[EXTRACTED DATA — start]

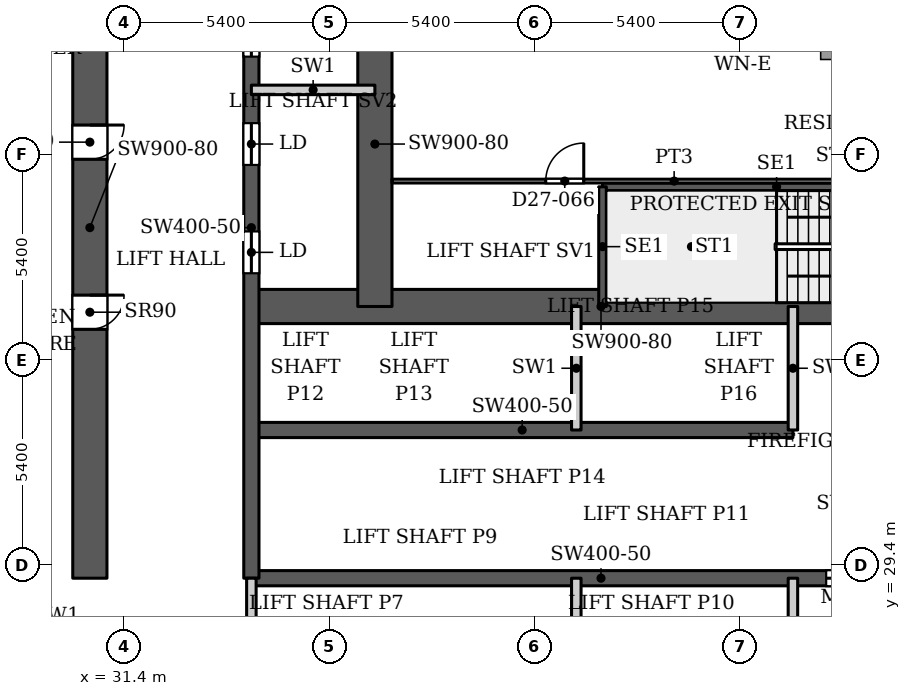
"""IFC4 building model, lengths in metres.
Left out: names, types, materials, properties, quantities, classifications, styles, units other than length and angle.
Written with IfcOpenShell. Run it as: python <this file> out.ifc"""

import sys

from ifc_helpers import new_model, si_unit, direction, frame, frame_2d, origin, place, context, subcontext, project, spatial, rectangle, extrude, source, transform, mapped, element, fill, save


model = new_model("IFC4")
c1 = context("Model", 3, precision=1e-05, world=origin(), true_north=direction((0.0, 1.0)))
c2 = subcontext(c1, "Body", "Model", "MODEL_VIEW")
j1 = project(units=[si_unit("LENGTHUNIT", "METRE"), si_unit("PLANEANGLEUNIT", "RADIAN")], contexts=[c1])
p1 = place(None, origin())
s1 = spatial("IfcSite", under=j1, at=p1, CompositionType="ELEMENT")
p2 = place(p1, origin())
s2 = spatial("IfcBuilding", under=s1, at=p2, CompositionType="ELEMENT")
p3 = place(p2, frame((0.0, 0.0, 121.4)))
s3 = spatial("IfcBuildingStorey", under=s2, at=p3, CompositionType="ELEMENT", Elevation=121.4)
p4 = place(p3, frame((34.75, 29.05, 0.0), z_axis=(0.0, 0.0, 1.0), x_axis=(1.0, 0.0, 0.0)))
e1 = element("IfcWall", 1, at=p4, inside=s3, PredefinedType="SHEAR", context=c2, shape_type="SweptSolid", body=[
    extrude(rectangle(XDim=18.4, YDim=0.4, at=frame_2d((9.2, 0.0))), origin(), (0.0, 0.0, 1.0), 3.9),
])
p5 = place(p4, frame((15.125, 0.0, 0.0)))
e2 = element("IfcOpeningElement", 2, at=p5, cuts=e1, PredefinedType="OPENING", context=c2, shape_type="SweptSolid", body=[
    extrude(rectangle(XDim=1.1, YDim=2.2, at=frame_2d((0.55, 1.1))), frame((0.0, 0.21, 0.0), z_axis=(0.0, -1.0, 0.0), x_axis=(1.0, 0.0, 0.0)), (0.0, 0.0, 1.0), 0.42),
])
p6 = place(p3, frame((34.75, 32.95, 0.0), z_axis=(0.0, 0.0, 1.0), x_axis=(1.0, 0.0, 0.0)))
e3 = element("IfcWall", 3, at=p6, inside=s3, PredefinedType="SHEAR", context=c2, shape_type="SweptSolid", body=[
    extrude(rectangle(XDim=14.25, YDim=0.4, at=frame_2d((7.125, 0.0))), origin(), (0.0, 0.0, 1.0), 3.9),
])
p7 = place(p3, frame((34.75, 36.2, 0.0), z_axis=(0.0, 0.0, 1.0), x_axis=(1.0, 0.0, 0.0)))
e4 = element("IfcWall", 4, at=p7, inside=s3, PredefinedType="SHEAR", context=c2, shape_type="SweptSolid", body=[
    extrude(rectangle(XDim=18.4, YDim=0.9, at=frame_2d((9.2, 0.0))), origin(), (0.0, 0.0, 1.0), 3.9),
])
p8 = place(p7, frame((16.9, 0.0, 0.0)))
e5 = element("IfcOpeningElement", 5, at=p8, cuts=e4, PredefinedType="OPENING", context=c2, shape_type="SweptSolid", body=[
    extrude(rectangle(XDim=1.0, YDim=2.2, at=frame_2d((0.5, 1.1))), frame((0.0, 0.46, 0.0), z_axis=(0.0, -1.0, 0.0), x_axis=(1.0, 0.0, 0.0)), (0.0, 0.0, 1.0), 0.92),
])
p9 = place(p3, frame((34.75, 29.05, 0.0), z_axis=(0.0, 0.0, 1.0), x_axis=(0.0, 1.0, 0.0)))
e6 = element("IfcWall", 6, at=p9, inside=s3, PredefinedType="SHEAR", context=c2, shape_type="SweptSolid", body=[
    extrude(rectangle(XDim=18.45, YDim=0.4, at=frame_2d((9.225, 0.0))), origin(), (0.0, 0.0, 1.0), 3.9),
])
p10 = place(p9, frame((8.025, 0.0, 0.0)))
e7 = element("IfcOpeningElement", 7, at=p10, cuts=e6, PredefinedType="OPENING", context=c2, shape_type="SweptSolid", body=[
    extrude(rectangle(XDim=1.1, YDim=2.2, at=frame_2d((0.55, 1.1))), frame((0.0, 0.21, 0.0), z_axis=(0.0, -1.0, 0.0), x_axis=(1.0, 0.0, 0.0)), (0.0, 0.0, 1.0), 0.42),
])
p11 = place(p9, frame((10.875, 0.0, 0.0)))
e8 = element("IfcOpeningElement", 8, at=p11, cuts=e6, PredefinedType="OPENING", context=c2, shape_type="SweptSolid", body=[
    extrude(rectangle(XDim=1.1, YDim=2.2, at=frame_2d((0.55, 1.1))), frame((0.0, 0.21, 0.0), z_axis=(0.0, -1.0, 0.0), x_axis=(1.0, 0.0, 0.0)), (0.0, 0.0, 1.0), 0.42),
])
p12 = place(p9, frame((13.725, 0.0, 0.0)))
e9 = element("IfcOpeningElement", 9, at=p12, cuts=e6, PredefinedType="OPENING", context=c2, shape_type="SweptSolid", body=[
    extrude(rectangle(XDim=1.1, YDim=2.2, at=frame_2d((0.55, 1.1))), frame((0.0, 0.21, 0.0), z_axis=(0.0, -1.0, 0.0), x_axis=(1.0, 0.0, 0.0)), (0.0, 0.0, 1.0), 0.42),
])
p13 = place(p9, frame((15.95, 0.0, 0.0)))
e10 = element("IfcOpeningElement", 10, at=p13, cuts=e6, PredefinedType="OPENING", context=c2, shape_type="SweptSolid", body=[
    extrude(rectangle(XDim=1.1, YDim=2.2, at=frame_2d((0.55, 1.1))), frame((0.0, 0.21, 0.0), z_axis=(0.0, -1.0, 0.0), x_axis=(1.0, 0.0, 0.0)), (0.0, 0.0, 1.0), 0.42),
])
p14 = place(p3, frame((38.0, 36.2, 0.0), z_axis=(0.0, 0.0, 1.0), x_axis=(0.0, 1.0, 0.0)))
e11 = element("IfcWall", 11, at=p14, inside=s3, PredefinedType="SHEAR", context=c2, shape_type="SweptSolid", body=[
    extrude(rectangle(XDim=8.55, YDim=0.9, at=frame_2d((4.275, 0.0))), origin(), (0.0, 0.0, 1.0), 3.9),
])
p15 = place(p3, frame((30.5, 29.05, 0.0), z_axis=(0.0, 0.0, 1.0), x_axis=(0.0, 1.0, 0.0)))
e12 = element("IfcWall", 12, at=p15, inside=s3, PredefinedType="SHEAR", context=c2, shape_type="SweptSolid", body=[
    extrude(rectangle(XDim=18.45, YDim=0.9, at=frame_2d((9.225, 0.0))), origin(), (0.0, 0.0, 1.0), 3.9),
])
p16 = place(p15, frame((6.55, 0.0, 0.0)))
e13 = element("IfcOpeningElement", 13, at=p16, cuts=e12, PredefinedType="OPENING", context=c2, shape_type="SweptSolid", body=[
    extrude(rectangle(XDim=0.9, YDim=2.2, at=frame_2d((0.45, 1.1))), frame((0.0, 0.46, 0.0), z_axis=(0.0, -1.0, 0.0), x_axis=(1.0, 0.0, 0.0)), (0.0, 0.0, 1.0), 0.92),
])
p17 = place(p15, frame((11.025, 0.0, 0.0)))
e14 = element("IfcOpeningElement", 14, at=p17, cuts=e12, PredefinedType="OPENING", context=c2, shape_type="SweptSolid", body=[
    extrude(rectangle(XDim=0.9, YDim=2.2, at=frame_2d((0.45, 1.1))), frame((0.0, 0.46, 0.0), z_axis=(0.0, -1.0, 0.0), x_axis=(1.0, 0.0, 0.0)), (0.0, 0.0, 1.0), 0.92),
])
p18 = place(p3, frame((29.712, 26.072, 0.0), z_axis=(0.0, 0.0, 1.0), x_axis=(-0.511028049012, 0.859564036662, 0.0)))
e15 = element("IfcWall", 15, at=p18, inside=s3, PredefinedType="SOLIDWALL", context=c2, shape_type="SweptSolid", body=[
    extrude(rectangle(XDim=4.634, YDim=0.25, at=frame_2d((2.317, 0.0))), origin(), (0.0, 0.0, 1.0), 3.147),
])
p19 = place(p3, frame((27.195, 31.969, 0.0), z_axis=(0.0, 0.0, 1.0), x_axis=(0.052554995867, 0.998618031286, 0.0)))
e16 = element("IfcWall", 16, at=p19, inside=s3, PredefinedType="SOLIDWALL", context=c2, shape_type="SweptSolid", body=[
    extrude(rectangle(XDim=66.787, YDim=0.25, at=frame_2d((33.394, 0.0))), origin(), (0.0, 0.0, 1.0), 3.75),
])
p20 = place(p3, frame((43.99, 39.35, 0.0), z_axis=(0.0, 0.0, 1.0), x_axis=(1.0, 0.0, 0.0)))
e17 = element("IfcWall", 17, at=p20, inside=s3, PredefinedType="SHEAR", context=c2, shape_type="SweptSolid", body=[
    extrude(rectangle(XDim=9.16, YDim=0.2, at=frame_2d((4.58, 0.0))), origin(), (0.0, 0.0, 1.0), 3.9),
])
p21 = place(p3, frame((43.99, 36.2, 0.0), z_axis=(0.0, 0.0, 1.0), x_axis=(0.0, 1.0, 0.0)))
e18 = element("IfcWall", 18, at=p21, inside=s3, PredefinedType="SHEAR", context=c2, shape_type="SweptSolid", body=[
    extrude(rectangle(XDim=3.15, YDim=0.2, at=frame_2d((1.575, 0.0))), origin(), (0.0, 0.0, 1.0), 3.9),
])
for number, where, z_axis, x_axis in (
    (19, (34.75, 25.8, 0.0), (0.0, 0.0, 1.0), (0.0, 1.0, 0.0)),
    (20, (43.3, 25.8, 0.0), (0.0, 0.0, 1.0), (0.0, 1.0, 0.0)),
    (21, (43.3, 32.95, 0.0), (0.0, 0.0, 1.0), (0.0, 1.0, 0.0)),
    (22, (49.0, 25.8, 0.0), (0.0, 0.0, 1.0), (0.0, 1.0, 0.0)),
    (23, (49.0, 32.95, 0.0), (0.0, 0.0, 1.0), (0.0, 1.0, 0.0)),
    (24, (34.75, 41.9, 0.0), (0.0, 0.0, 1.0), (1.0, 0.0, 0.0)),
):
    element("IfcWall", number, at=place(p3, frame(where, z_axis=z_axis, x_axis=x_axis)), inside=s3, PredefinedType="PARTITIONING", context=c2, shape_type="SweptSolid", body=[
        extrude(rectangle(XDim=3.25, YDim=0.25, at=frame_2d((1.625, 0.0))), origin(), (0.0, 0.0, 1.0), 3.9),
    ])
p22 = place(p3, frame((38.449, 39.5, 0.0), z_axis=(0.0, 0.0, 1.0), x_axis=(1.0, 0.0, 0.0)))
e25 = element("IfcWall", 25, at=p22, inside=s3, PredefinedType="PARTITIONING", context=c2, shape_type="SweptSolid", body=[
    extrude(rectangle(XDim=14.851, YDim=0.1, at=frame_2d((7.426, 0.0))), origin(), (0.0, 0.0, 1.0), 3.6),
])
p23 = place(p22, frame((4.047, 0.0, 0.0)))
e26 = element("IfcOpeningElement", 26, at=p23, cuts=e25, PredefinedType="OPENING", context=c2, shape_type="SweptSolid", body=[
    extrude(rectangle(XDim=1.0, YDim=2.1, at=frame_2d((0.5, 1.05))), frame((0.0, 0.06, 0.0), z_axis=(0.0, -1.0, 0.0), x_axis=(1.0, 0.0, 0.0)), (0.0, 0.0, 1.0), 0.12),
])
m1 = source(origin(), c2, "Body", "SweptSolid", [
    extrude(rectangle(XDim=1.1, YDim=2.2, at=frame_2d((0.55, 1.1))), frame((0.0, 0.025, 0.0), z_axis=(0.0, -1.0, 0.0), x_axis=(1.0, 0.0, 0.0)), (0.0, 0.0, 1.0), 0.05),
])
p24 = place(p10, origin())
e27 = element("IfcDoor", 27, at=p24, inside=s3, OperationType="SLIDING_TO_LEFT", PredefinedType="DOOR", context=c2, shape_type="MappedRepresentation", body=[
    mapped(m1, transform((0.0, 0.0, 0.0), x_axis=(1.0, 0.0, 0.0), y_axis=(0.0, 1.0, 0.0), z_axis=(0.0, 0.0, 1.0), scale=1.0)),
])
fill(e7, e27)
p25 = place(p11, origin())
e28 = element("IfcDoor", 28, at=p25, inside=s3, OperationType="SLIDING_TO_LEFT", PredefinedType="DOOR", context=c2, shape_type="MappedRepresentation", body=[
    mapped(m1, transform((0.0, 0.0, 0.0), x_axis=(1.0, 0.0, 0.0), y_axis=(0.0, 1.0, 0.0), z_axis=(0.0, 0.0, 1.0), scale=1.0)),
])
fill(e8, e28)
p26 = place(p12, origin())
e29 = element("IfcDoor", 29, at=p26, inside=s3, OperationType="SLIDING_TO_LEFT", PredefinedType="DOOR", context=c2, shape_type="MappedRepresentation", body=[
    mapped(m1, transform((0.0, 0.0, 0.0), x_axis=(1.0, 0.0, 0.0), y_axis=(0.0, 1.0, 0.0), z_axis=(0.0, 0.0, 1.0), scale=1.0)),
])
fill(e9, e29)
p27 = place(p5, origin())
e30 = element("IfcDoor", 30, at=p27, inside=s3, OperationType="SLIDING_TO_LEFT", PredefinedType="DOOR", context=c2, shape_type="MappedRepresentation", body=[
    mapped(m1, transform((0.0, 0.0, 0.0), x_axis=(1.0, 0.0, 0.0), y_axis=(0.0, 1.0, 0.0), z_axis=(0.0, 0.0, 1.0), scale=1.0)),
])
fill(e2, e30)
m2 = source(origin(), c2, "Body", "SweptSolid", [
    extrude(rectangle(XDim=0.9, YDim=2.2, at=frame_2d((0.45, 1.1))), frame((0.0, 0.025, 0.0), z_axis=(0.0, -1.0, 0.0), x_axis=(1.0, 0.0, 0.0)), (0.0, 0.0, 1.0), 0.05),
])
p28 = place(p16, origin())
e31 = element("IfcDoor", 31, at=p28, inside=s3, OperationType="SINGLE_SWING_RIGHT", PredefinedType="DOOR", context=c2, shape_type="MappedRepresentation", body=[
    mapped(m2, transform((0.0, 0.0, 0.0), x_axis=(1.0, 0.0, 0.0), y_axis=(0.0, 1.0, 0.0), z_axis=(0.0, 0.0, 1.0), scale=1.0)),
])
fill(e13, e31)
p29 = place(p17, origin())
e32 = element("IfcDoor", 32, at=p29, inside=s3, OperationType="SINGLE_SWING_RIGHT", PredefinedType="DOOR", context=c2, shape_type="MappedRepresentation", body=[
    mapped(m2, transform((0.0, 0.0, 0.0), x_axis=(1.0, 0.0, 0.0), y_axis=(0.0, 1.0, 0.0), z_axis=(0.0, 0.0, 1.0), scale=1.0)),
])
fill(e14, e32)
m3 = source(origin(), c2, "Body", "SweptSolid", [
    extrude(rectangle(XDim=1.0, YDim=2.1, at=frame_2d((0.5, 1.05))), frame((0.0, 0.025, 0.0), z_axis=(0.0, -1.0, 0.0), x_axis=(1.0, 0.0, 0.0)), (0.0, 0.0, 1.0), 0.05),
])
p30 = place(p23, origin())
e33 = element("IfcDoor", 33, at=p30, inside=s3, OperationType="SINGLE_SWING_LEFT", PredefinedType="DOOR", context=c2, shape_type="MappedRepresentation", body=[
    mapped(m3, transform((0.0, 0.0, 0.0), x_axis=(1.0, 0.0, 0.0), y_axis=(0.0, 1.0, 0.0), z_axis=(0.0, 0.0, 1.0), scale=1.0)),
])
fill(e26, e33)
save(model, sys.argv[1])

[EXTRACTED DATA — finish]

→ **WORK REQUEST**
Your answer should be the lines above from the one containing "fill(e8, e28)" through the one containing "p29 = place(p17, origin())", copied exactly and with both ends kept.

→ **RESPONSE AREA**
fill(e8, e28)
p26 = place(p12, origin())
e29 = element("IfcDoor", 29, at=p26, inside=s3, OperationType="SLIDING_TO_LEFT", PredefinedType="DOOR", context=c2, shape_type="MappedRepresentation", body=[
    mapped(m1, transform((0.0, 0.0, 0.0), x_axis=(1.0, 0.0, 0.0), y_axis=(0.0, 1.0, 0.0), z_axis=(0.0, 0.0, 1.0), scale=1.0)),
])
fill(e9, e29)
p27 = place(p5, origin())
e30 = element("IfcDoor", 30, at=p27, inside=s3, OperationType="SLIDING_TO_LEFT", PredefinedType="DOOR", context=c2, shape_type="MappedRepresentation", body=[
    mapped(m1, transform((0.0, 0.0, 0.0), x_axis=(1.0, 0.0, 0.0), y_axis=(0.0, 1.0, 0.0), z_axis=(0.0, 0.0, 1.0), scale=1.0)),
])
fill(e2, e30)
m2 = source(origin(), c2, "Body", "SweptSolid", [
    extrude(rectangle(XDim=0.9, YDim=2.2, at=frame_2d((0.45, 1.1))), frame((0.0, 0.025, 0.0), z_axis=(0.0, -1.0, 0.0), x_axis=(1.0, 0.0, 0.0)), (0.0, 0.0, 1.0), 0.05),
])
p28 = place(p16, origin())
e31 = element("IfcDoor", 31, at=p28, inside=s3, OperationType="SINGLE_SWING_RIGHT", PredefinedType="DOOR", context=c2, shape_type="MappedRepresentation", body=[
    mapped(m2, transform((0.0, 0.0, 0.0), x_axis=(1.0, 0.0, 0.0), y_axis=(0.0, 1.0, 0.0), z_axis=(0.0, 0.0, 1.0), scale=1.0)),
])
fill(e13, e31)
p29 = place(p17, origin())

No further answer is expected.